= Work to complete =
Write out again, exactly, the lines below starting at the one with "line L0 (-108.726, 78.575)" and ending at the one with "line L4 (-108.726, 78.575)".

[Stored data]
::::::::

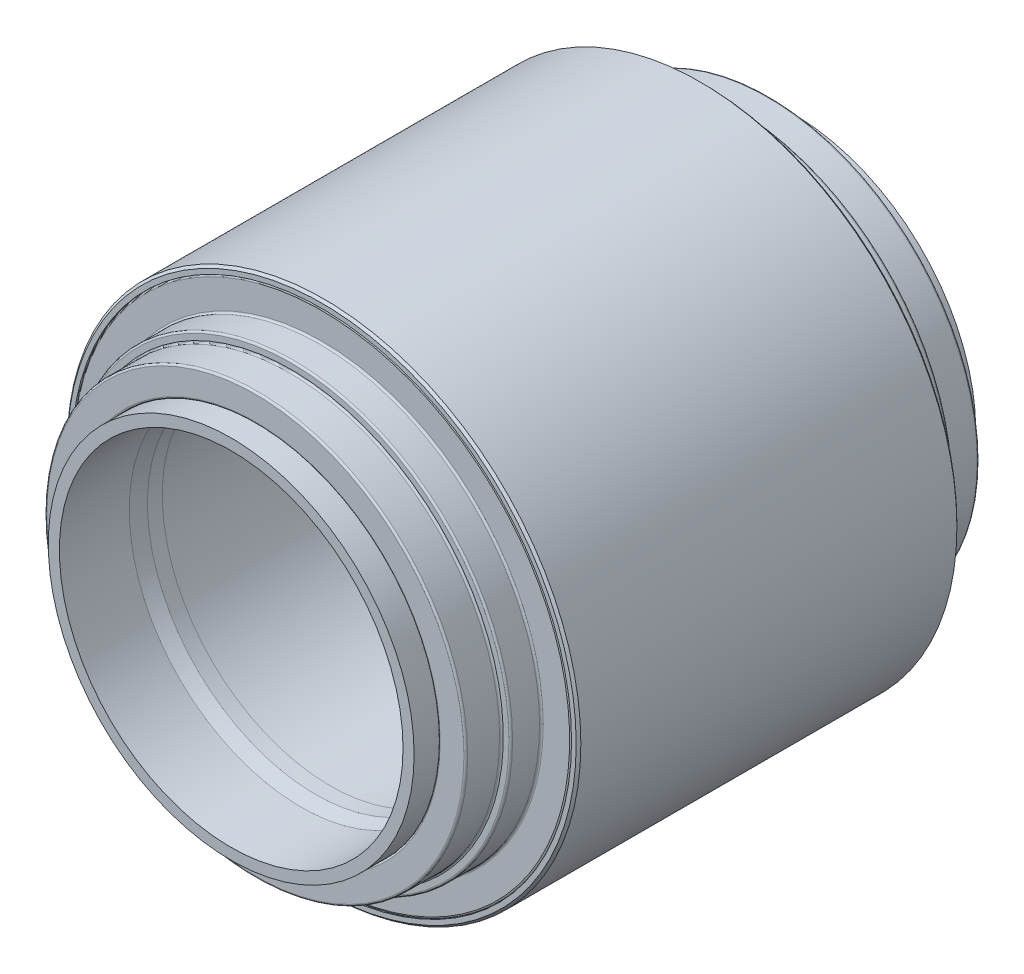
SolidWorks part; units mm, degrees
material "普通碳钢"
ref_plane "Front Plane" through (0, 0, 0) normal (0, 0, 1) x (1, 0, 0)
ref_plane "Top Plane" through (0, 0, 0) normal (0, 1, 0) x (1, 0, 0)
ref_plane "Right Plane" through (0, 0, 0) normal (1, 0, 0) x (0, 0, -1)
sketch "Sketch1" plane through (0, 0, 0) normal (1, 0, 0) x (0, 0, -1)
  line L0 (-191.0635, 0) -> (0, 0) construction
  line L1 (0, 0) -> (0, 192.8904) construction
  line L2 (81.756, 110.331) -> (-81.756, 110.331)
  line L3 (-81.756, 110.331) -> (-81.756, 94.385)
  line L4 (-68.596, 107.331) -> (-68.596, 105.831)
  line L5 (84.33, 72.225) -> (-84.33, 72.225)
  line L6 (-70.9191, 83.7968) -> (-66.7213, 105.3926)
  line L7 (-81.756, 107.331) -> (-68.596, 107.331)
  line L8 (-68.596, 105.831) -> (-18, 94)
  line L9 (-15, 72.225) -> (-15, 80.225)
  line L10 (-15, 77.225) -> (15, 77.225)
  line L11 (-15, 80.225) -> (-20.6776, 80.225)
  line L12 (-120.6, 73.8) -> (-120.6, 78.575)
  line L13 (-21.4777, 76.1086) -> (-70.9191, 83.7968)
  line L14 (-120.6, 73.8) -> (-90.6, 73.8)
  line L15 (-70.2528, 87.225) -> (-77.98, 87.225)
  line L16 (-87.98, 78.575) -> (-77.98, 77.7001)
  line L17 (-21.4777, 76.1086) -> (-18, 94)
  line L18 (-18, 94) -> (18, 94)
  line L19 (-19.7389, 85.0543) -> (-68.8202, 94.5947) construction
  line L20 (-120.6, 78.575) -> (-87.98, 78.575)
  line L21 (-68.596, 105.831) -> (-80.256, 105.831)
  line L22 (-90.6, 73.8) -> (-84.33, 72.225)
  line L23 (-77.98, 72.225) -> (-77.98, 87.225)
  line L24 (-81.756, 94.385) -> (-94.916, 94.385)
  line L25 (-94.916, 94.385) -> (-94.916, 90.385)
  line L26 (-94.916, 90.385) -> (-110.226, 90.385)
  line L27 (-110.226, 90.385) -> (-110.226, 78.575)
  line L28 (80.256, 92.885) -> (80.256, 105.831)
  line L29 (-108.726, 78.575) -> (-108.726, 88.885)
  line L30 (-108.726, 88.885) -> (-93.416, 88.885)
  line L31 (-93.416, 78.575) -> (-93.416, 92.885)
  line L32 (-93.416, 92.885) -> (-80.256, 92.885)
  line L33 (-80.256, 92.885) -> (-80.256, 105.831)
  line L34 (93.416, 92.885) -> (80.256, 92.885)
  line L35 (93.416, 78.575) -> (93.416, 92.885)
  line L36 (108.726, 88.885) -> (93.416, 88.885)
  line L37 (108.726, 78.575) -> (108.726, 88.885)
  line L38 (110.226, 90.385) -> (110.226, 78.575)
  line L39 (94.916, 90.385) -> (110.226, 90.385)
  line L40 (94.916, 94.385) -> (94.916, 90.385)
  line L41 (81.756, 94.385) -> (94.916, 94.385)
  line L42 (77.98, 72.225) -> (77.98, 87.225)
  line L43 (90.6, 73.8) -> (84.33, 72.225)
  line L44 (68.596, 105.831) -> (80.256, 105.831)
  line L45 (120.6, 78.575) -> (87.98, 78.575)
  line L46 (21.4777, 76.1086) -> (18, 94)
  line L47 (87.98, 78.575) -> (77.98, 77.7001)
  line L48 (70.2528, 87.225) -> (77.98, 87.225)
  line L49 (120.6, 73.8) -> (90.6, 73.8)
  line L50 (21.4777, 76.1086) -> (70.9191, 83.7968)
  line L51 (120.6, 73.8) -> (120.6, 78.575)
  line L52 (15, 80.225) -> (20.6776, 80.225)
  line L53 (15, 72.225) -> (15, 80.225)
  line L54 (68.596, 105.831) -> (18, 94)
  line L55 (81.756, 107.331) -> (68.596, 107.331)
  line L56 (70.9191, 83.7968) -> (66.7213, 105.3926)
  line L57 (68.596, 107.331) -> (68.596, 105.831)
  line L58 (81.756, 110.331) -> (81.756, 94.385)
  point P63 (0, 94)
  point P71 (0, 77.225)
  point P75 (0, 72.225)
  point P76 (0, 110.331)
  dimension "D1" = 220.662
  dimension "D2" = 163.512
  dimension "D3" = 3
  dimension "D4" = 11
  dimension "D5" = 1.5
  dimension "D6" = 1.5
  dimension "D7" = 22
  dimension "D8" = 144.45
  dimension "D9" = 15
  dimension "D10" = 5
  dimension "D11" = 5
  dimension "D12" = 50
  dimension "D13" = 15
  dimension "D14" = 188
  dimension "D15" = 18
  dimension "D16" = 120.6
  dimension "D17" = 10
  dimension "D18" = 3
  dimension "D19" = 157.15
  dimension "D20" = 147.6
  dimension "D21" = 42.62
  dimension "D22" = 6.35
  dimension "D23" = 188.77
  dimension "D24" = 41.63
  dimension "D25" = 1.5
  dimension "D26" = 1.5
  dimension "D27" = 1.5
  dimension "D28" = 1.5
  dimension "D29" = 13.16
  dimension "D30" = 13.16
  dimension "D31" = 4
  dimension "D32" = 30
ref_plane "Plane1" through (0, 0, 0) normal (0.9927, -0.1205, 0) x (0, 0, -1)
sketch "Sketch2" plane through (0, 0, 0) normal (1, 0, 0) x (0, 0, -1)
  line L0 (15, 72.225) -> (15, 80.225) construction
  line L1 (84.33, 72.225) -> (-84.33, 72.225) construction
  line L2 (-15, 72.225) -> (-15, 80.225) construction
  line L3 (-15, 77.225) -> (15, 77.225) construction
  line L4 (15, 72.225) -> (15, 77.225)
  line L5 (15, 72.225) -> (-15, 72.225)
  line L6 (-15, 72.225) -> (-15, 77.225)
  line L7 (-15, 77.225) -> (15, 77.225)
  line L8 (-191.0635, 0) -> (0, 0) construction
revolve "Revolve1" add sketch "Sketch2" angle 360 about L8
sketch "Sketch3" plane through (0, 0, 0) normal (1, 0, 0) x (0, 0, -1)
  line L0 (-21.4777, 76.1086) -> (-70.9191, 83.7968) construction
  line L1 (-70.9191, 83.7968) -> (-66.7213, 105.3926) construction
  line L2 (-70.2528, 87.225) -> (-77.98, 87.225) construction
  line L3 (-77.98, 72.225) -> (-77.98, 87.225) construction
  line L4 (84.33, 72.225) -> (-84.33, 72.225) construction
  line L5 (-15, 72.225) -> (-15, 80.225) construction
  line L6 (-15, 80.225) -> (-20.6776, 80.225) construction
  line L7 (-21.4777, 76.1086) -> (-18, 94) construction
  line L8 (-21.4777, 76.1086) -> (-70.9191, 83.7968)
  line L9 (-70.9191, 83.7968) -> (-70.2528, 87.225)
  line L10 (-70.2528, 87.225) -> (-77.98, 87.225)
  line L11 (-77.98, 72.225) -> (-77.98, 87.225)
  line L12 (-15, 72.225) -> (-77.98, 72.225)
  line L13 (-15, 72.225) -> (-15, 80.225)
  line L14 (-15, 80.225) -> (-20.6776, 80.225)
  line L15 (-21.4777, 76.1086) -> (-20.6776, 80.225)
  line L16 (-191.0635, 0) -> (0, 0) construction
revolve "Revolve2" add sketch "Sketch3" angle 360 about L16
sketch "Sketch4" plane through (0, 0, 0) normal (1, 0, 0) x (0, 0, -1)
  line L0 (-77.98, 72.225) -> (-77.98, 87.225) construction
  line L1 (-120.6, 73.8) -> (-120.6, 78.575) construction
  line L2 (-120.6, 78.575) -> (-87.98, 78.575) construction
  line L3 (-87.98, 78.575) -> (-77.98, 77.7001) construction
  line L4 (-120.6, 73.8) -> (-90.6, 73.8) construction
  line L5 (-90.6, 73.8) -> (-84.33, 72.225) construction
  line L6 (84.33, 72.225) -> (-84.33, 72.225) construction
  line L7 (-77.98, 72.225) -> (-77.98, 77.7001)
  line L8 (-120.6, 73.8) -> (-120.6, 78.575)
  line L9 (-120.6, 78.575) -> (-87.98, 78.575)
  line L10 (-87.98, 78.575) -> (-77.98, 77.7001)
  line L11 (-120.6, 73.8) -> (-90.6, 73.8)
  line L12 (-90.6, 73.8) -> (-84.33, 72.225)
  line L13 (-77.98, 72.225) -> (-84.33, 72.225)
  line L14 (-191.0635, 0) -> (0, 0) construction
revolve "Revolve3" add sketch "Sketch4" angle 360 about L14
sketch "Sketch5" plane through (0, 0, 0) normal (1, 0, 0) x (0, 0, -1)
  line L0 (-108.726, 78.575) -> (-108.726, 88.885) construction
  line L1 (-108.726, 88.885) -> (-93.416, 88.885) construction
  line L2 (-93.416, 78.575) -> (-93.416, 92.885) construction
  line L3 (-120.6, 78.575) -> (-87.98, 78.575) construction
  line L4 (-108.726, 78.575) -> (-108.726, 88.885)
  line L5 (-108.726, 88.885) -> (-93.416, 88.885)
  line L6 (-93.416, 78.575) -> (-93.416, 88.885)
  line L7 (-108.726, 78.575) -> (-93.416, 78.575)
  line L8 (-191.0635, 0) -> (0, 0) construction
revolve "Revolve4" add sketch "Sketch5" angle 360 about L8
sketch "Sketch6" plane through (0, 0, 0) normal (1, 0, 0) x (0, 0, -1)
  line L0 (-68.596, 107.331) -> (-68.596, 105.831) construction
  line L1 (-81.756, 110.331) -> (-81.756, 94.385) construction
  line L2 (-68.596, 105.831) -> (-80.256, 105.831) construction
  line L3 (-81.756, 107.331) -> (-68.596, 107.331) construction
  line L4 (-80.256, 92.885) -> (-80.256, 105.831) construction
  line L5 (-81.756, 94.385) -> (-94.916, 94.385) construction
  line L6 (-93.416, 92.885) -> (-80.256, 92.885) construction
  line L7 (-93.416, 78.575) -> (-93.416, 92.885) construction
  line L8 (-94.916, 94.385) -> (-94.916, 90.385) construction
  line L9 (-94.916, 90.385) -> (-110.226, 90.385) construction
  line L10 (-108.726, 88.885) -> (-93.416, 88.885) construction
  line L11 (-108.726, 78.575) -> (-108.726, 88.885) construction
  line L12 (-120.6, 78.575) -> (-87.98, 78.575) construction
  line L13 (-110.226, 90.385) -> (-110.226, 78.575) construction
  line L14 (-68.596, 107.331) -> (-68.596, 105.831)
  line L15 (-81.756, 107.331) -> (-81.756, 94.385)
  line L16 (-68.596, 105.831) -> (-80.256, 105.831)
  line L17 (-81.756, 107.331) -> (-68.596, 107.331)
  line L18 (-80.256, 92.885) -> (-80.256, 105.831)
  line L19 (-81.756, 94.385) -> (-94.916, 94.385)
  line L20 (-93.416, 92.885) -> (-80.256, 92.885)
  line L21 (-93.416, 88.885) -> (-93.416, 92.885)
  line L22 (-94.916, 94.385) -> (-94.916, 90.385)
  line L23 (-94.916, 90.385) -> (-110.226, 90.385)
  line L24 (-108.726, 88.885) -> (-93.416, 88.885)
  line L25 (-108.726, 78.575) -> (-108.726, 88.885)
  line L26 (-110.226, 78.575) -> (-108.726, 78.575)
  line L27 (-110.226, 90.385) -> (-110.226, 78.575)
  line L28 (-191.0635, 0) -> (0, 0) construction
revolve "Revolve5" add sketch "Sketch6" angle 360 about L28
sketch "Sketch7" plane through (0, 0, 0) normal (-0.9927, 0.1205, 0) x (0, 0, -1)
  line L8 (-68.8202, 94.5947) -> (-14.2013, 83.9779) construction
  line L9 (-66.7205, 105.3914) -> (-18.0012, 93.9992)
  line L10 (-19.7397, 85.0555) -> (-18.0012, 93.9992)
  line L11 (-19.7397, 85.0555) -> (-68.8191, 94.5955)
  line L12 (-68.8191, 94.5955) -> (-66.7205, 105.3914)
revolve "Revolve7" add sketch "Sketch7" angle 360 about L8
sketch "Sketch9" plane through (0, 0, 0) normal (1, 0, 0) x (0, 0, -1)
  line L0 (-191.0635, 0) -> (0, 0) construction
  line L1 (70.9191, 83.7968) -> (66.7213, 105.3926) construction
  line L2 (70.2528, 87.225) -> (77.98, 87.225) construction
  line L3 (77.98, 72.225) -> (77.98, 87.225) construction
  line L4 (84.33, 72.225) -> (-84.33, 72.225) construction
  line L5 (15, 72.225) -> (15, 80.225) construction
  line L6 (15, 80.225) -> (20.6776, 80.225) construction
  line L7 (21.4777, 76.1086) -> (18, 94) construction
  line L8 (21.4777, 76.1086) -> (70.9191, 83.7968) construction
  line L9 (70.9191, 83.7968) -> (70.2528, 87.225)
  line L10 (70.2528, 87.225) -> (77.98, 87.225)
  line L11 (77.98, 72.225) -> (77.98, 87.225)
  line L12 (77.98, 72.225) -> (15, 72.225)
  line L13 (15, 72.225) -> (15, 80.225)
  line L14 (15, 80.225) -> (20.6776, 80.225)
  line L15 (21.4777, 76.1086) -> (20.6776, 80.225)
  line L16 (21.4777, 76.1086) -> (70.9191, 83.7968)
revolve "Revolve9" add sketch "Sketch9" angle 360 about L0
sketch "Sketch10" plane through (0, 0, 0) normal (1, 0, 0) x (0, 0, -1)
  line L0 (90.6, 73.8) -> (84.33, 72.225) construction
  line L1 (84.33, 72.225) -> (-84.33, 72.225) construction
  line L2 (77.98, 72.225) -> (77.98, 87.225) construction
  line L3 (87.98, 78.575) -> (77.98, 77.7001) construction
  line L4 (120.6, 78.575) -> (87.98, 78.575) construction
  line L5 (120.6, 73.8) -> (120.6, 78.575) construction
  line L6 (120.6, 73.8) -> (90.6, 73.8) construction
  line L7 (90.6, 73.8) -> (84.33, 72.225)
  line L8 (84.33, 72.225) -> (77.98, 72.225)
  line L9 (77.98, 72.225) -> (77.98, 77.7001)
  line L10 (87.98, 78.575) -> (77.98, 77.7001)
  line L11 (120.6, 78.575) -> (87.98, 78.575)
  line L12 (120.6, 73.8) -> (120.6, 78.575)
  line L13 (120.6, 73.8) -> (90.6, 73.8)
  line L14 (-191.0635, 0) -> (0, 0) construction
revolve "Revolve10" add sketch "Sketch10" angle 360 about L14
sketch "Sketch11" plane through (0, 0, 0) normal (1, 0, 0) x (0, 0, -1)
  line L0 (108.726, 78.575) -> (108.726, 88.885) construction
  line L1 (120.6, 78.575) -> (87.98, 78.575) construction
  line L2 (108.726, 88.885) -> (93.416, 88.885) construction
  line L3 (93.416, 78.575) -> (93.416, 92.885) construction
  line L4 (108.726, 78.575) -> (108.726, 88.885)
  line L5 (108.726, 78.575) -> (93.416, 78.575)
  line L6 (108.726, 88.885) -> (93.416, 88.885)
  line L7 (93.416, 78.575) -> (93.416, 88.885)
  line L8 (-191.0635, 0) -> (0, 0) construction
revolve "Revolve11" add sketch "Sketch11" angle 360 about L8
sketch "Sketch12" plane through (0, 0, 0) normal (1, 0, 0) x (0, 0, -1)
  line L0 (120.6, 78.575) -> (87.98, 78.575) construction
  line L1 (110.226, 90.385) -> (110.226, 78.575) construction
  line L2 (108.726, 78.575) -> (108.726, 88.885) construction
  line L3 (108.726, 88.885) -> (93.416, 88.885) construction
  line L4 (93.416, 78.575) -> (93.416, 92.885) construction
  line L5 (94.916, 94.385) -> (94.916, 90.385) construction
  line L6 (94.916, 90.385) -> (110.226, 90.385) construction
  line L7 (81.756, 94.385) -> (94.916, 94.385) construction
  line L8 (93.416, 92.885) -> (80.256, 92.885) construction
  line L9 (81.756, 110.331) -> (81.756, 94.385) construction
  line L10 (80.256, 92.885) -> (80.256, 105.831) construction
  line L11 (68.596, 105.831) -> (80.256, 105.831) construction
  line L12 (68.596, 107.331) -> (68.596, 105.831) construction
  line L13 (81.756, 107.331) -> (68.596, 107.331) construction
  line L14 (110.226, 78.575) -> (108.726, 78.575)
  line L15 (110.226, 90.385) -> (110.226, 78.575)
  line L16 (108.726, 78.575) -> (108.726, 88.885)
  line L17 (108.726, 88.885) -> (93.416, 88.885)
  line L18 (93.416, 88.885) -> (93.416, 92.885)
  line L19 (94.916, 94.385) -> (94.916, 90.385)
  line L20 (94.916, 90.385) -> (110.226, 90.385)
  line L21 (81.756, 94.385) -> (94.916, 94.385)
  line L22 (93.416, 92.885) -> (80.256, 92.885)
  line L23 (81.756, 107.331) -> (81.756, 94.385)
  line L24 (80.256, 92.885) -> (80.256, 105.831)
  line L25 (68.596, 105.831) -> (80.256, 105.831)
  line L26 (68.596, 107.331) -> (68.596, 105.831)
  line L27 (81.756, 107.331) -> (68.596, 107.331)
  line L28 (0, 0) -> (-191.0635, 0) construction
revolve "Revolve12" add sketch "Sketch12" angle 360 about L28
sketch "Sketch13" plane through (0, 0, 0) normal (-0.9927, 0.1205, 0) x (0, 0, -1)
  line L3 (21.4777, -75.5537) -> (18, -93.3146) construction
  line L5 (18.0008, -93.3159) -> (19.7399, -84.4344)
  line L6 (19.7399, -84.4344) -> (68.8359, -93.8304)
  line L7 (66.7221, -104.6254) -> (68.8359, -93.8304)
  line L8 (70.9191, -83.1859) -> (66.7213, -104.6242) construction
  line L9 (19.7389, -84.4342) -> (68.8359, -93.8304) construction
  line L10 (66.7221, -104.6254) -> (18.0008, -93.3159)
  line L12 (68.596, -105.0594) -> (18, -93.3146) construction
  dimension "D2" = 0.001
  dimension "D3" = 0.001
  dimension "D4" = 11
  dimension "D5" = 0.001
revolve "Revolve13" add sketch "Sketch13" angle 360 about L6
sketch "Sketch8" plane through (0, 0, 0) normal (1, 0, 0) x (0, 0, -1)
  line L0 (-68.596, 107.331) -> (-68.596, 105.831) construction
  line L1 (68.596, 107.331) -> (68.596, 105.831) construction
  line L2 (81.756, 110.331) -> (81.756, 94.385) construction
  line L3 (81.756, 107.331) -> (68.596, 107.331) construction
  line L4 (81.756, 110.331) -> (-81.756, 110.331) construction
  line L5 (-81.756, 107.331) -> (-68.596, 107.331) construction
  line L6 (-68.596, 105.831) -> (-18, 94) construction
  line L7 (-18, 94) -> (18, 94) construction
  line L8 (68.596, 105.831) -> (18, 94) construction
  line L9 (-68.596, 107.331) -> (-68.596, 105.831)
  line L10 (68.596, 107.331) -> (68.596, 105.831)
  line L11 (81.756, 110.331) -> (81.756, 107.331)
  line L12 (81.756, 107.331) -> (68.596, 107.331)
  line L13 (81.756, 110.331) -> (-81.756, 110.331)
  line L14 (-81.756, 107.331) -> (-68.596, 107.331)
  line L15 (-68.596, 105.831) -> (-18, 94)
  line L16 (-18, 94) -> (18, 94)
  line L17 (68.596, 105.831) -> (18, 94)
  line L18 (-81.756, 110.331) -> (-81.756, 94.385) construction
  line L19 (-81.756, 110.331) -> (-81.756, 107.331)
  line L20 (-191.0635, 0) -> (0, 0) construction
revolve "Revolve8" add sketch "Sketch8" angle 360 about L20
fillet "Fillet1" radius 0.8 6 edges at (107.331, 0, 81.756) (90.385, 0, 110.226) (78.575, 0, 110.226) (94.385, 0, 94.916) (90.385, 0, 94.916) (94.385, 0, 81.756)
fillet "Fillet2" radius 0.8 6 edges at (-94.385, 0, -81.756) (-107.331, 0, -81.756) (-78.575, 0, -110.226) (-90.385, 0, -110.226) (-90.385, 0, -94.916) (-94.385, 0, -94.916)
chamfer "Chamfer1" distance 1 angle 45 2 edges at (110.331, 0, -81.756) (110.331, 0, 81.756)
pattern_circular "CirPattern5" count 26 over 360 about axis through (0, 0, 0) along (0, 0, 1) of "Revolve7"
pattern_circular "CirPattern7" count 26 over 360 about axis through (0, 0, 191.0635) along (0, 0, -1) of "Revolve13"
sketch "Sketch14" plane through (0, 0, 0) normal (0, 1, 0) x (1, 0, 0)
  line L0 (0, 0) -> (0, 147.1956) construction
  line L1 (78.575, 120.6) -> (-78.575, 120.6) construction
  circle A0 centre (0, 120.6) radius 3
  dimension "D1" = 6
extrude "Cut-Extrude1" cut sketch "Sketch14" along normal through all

::::::::

= Exercise response =
  line L0 (-108.726, 78.575) -> (-108.726, 88.885) construction
  line L1 (-108.726, 88.885) -> (-93.416, 88.885) construction
  line L2 (-93.416, 78.575) -> (-93.416, 92.885) construction
  line L3 (-120.6, 78.575) -> (-87.98, 78.575) construction
  line L4 (-108.726, 78.575) -> (-108.726, 88.885)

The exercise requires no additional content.